(Recorded data)
= = = =
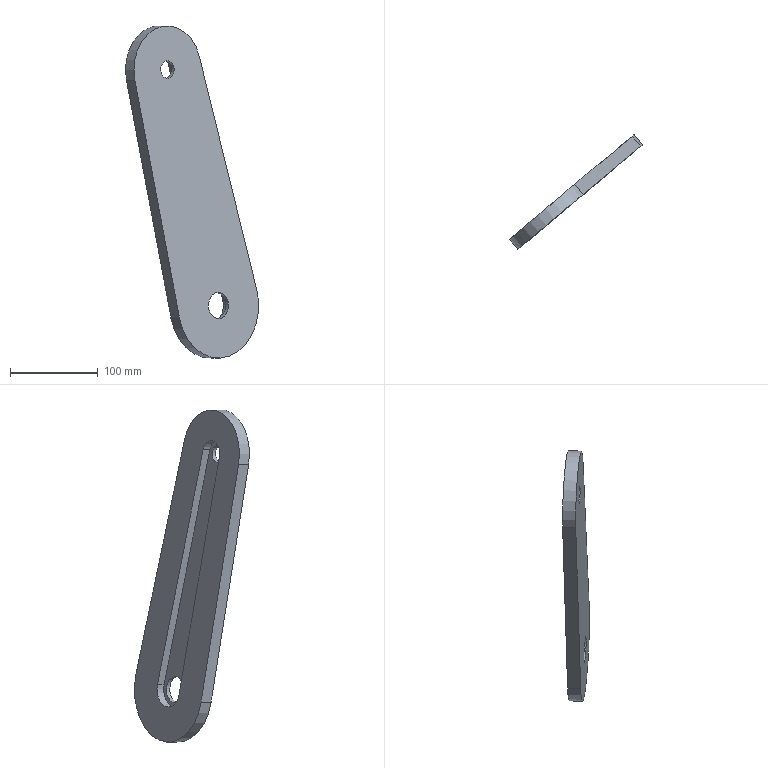Component | NX | M1002_AGO13_P09_757058_P02 | 1 solid | 13 faces | box 152.06 x 131.45 x 379.43 mm | volume 493084 mm3 | plane 7 | cylinder 6 | commonest cylinder face diameters 30 x2 20 x1 120 x1 100 x1 40 x1
STEP:
#1=CARTESIAN_POINT('',(0.,0.,0.));
#2=DIRECTION('',(0.,0.,1.));
#3=DIRECTION('',(1.,0.,0.));
#4=AXIS2_PLACEMENT_3D('',#1,#2,#3);
#5=CARTESIAN_POINT('',(13.794,-9.16,27.918));
#6=VERTEX_POINT('',#5);
#7=CARTESIAN_POINT('',(24.832,0.1404,32.));
#8=DIRECTION('',(-0.6443,0.7647,0.));
#9=DIRECTION('',(-0.7359,-0.62,-0.2721));
#10=AXIS2_PLACEMENT_3D('',#7,#8,#9);
#11=CIRCLE('',#10,15.);
#12=CARTESIAN_POINT('',(15.167,11.611,32.));
#13=DIRECTION('',(0.6443,-0.7647,0.));
#14=DIRECTION('',(-0.2081,-0.1753,0.9623));
#15=AXIS2_PLACEMENT_3D('',#12,#13,#14);
#16=CYLINDRICAL_SURFACE('',#15,15.);
#17=CARTESIAN_POINT('',(7.854,15.));
#18=DIRECTION('',(-1.,0.));
#19=VECTOR('',#18,1.);
#20=LINE('',#17,#19);
#21=(GEOMETRIC_REPRESENTATION_CONTEXT(2)PARAMETRIC_REPRESENTATION_CONTEXT()REPRESENTATION_CONTEXT('',''));
#22=DEFINITIONAL_REPRESENTATION('',(#20),#21);
#23=PCURVE('',#16,#22);
#24=CARTESIAN_POINT('',(24.832,0.1404,32.));
#25=DIRECTION('',(-0.6443,0.7647,0.));
#26=DIRECTION('',(0.2081,0.1753,-0.9623));
#27=AXIS2_PLACEMENT_3D('',#24,#25,#26);
#28=PLANE('',#27);
#29=CARTESIAN_POINT('',(0.,0.));
#30=DIRECTION('',(-0.,1.));
#31=AXIS2_PLACEMENT_2D('',#29,#30);
#32=CIRCLE('',#31,15.);
#33=(GEOMETRIC_REPRESENTATION_CONTEXT(2)PARAMETRIC_REPRESENTATION_CONTEXT()REPRESENTATION_CONTEXT('',''));
#34=DEFINITIONAL_REPRESENTATION('',(#32),#33);
#35=PCURVE('',#28,#34);
#36=SURFACE_CURVE('',#11,(#23,#35),.PCURVE_S1.);
#37=EDGE_CURVE('',#6,#6,#36,.T.);
#38=ORIENTED_EDGE('',*,*,#37,.T.);
#39=CARTESIAN_POINT('',(10.572,-5.336,27.918));
#40=VERTEX_POINT('',#39);
#41=CARTESIAN_POINT('',(10.572,-5.336,27.918));
#42=CARTESIAN_POINT('',(13.794,-9.16,27.918));
#43=B_SPLINE_CURVE_WITH_KNOTS('',1,(#41,#42),.UNSPECIFIED.,.F.,.F.,(2,2),(10.,15.),.PIECEWISE_BEZIER_KNOTS.);
#44=CARTESIAN_POINT('',(1.571,0.));
#45=DIRECTION('',(0.,1.));
#46=VECTOR('',#45,1.);
#47=LINE('',#44,#46);
#48=(GEOMETRIC_REPRESENTATION_CONTEXT(2)PARAMETRIC_REPRESENTATION_CONTEXT()REPRESENTATION_CONTEXT('',''));
#49=DEFINITIONAL_REPRESENTATION('',(#47),#48);
#50=PCURVE('',#16,#49);
#51=CARTESIAN_POINT('',(7.854,0.));
#52=DIRECTION('',(0.,1.));
#53=VECTOR('',#52,1.);
#54=LINE('',#51,#53);
#55=(GEOMETRIC_REPRESENTATION_CONTEXT(2)PARAMETRIC_REPRESENTATION_CONTEXT()REPRESENTATION_CONTEXT('',''));
#56=DEFINITIONAL_REPRESENTATION('',(#54),#55);
#57=PCURVE('',#16,#56);
#58=SEAM_CURVE('',#43,(#50,#57),.PCURVE_S1.);
#59=EDGE_CURVE('',#40,#6,#58,.T.);
#60=ORIENTED_EDGE('',*,*,#59,.F.);
#61=CARTESIAN_POINT('',(21.61,3.964,32.));
#62=DIRECTION('',(0.6443,-0.7647,-0.));
#63=DIRECTION('',(-0.7359,-0.62,-0.2721));
#64=AXIS2_PLACEMENT_3D('',#61,#62,#63);
#65=CIRCLE('',#64,15.);
#66=CARTESIAN_POINT('',(1.571,10.));
#67=DIRECTION('',(1.,0.));
#68=VECTOR('',#67,1.);
#69=LINE('',#66,#68);
#70=(GEOMETRIC_REPRESENTATION_CONTEXT(2)PARAMETRIC_REPRESENTATION_CONTEXT()REPRESENTATION_CONTEXT('',''));
#71=DEFINITIONAL_REPRESENTATION('',(#69),#70);
#72=PCURVE('',#16,#71);
#73=CARTESIAN_POINT('',(21.61,3.964,32.));
#74=DIRECTION('',(-0.6443,0.7647,0.));
#75=DIRECTION('',(0.2081,0.1753,-0.9623));
#76=AXIS2_PLACEMENT_3D('',#73,#74,#75);
#77=PLANE('',#76);
#78=CARTESIAN_POINT('',(0.,15.));
#79=CARTESIAN_POINT('',(25.981,15.));
#80=CARTESIAN_POINT('',(12.99,-7.5));
#81=CARTESIAN_POINT('',(0.,-30.));
#82=CARTESIAN_POINT('',(-12.99,-7.5));
#83=CARTESIAN_POINT('',(-25.981,15.));
#84=CARTESIAN_POINT('',(0.,15.));
#85=(BOUNDED_CURVE()B_SPLINE_CURVE(2,(#78,#79,#80,#81,#82,#83,#84),.UNSPECIFIED.,.T.,.F.)B_SPLINE_CURVE_WITH_KNOTS((1,2,2,2,2,1),(-2.094,0.,2.094,4.189,6.283,8.378),.UNSPECIFIED.)CURVE()GEOMETRIC_REPRESENTATION_ITEM()RATIONAL_B_SPLINE_CURVE((1.,0.5,1.,0.5,1.,0.5,1.))REPRESENTATION_ITEM(''));
#86=(GEOMETRIC_REPRESENTATION_CONTEXT(2)PARAMETRIC_REPRESENTATION_CONTEXT()REPRESENTATION_CONTEXT('',''));
#87=DEFINITIONAL_REPRESENTATION('',(#85),#86);
#88=PCURVE('',#77,#87);
#89=SURFACE_CURVE('',#65,(#72,#88),.PCURVE_S1.);
#90=EDGE_CURVE('',#40,#40,#89,.T.);
#91=ORIENTED_EDGE('',*,*,#90,.T.);
#92=ORIENTED_EDGE('',*,*,#59,.T.);
#93=EDGE_LOOP('',(#38,#60,#91,#92));
#94=FACE_BOUND('',#93,.F.);
#95=ADVANCED_FACE('',(#94),#16,.F.);
#96=CARTESIAN_POINT('',(-40.798,-55.157,298.711));
#97=VERTEX_POINT('',#96);
#98=CARTESIAN_POINT('',(-33.439,-48.957,301.433));
#99=DIRECTION('',(-0.6443,0.7647,0.));
#100=DIRECTION('',(-0.7359,-0.62,-0.2721));
#101=AXIS2_PLACEMENT_3D('',#98,#99,#100);
#102=CIRCLE('',#101,10.);
#103=CARTESIAN_POINT('',(-43.104,-37.486,301.433));
#104=DIRECTION('',(0.6443,-0.7647,0.));
#105=DIRECTION('',(-0.2081,-0.1753,0.9623));
#106=AXIS2_PLACEMENT_3D('',#103,#104,#105);
#107=CYLINDRICAL_SURFACE('',#106,10.);
#108=CARTESIAN_POINT('',(7.854,15.));
#109=DIRECTION('',(-1.,0.));
#110=VECTOR('',#109,1.);
#111=LINE('',#108,#110);
#112=(GEOMETRIC_REPRESENTATION_CONTEXT(2)PARAMETRIC_REPRESENTATION_CONTEXT()REPRESENTATION_CONTEXT('',''));
#113=DEFINITIONAL_REPRESENTATION('',(#111),#112);
#114=PCURVE('',#107,#113);
#115=CARTESIAN_POINT('',(-280.,0.));
#116=DIRECTION('',(-0.,1.));
#117=AXIS2_PLACEMENT_2D('',#115,#116);
#118=CIRCLE('',#117,10.);
#119=(GEOMETRIC_REPRESENTATION_CONTEXT(2)PARAMETRIC_REPRESENTATION_CONTEXT()REPRESENTATION_CONTEXT('',''));
#120=DEFINITIONAL_REPRESENTATION('',(#118),#119);
#121=PCURVE('',#28,#120);
#122=SURFACE_CURVE('',#102,(#114,#121),.PCURVE_S1.);
#123=EDGE_CURVE('',#97,#97,#122,.T.);
#124=ORIENTED_EDGE('',*,*,#123,.T.);
#125=CARTESIAN_POINT('',(-44.019,-51.333,298.711));
#126=VERTEX_POINT('',#125);
#127=CARTESIAN_POINT('',(-44.019,-51.333,298.711));
#128=CARTESIAN_POINT('',(-40.798,-55.157,298.711));
#129=B_SPLINE_CURVE_WITH_KNOTS('',1,(#127,#128),.UNSPECIFIED.,.F.,.F.,(2,2),(10.,15.),.PIECEWISE_BEZIER_KNOTS.);
#130=CARTESIAN_POINT('',(1.571,0.));
#131=DIRECTION('',(0.,1.));
#132=VECTOR('',#131,1.);
#133=LINE('',#130,#132);
#134=(GEOMETRIC_REPRESENTATION_CONTEXT(2)PARAMETRIC_REPRESENTATION_CONTEXT()REPRESENTATION_CONTEXT('',''));
#135=DEFINITIONAL_REPRESENTATION('',(#133),#134);
#136=PCURVE('',#107,#135);
#137=CARTESIAN_POINT('',(7.854,0.));
#138=DIRECTION('',(0.,1.));
#139=VECTOR('',#138,1.);
#140=LINE('',#137,#139);
#141=(GEOMETRIC_REPRESENTATION_CONTEXT(2)PARAMETRIC_REPRESENTATION_CONTEXT()REPRESENTATION_CONTEXT('',''));
#142=DEFINITIONAL_REPRESENTATION('',(#140),#141);
#143=PCURVE('',#107,#142);
#144=SEAM_CURVE('',#129,(#136,#143),.PCURVE_S1.);
#145=EDGE_CURVE('',#126,#97,#144,.T.);
#146=ORIENTED_EDGE('',*,*,#145,.F.);
#147=CARTESIAN_POINT('',(-36.661,-45.133,301.433));
#148=DIRECTION('',(0.6443,-0.7647,-0.));
#149=DIRECTION('',(-0.7359,-0.62,-0.2721));
#150=AXIS2_PLACEMENT_3D('',#147,#148,#149);
#151=CIRCLE('',#150,10.);
#152=CARTESIAN_POINT('',(1.571,10.));
#153=DIRECTION('',(1.,0.));
#154=VECTOR('',#153,1.);
#155=LINE('',#152,#154);
#156=(GEOMETRIC_REPRESENTATION_CONTEXT(2)PARAMETRIC_REPRESENTATION_CONTEXT()REPRESENTATION_CONTEXT('',''));
#157=DEFINITIONAL_REPRESENTATION('',(#155),#156);
#158=PCURVE('',#107,#157);
#159=CARTESIAN_POINT('',(-280.,10.));
#160=CARTESIAN_POINT('',(-262.679,10.));
#161=CARTESIAN_POINT('',(-271.34,-5.));
#162=CARTESIAN_POINT('',(-280.,-20.));
#163=CARTESIAN_POINT('',(-288.66,-5.));
#164=CARTESIAN_POINT('',(-297.321,10.));
#165=CARTESIAN_POINT('',(-280.,10.));
#166=(BOUNDED_CURVE()B_SPLINE_CURVE(2,(#159,#160,#161,#162,#163,#164,#165),.UNSPECIFIED.,.T.,.F.)B_SPLINE_CURVE_WITH_KNOTS((1,2,2,2,2,1),(-2.094,0.,2.094,4.189,6.283,8.378),.UNSPECIFIED.)CURVE()GEOMETRIC_REPRESENTATION_ITEM()RATIONAL_B_SPLINE_CURVE((1.,0.5,1.,0.5,1.,0.5,1.))REPRESENTATION_ITEM(''));
#167=(GEOMETRIC_REPRESENTATION_CONTEXT(2)PARAMETRIC_REPRESENTATION_CONTEXT()REPRESENTATION_CONTEXT('',''));
#168=DEFINITIONAL_REPRESENTATION('',(#166),#167);
#169=PCURVE('',#77,#168);
#170=SURFACE_CURVE('',#151,(#158,#169),.PCURVE_S1.);
#171=EDGE_CURVE('',#126,#126,#170,.T.);
#172=ORIENTED_EDGE('',*,*,#171,.T.);
#173=ORIENTED_EDGE('',*,*,#145,.T.);
#174=EDGE_LOOP('',(#124,#146,#172,#173));
#175=FACE_BOUND('',#174,.F.);
#176=ADVANCED_FACE('',(#175),#107,.F.);
#177=CARTESIAN_POINT('',(68.51,36.942,50.38));
#178=VERTEX_POINT('',#177);
#179=CARTESIAN_POINT('',(-19.739,-37.413,17.744));
#180=VERTEX_POINT('',#179);
#181=CARTESIAN_POINT('',(24.832,0.1404,32.));
#182=DIRECTION('',(-0.6443,0.7647,0.));
#183=DIRECTION('',(-0.7359,-0.62,-0.2721));
#184=AXIS2_PLACEMENT_3D('',#181,#182,#183);
#185=CIRCLE('',#184,60.);
#186=CARTESIAN_POINT('',(15.167,11.611,32.));
#187=DIRECTION('',(0.6443,-0.7647,0.));
#188=DIRECTION('',(-0.2081,-0.1753,0.9623));
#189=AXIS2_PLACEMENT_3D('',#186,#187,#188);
= = = =
EXERCISE
Both the line containing "#18=DIRECTION('',(-1.,0.));" and the line containing "#32=CIRCLE('',#31,15.);" belong in the answer. Print them and every line above that falls between them exactly, and no others.

TASK ANSWER
#18=DIRECTION('',(-1.,0.));
#19=VECTOR('',#18,1.);
#20=LINE('',#17,#19);
#21=(GEOMETRIC_REPRESENTATION_CONTEXT(2)PARAMETRIC_REPRESENTATION_CONTEXT()REPRESENTATION_CONTEXT('',''));
#22=DEFINITIONAL_REPRESENTATION('',(#20),#21);
#23=PCURVE('',#16,#22);
#24=CARTESIAN_POINT('',(24.832,0.1404,32.));
#25=DIRECTION('',(-0.6443,0.7647,0.));
#26=DIRECTION('',(0.2081,0.1753,-0.9623));
#27=AXIS2_PLACEMENT_3D('',#24,#25,#26);
#28=PLANE('',#27);
#29=CARTESIAN_POINT('',(0.,0.));
#30=DIRECTION('',(-0.,1.));
#31=AXIS2_PLACEMENT_2D('',#29,#30);
#32=CIRCLE('',#31,15.);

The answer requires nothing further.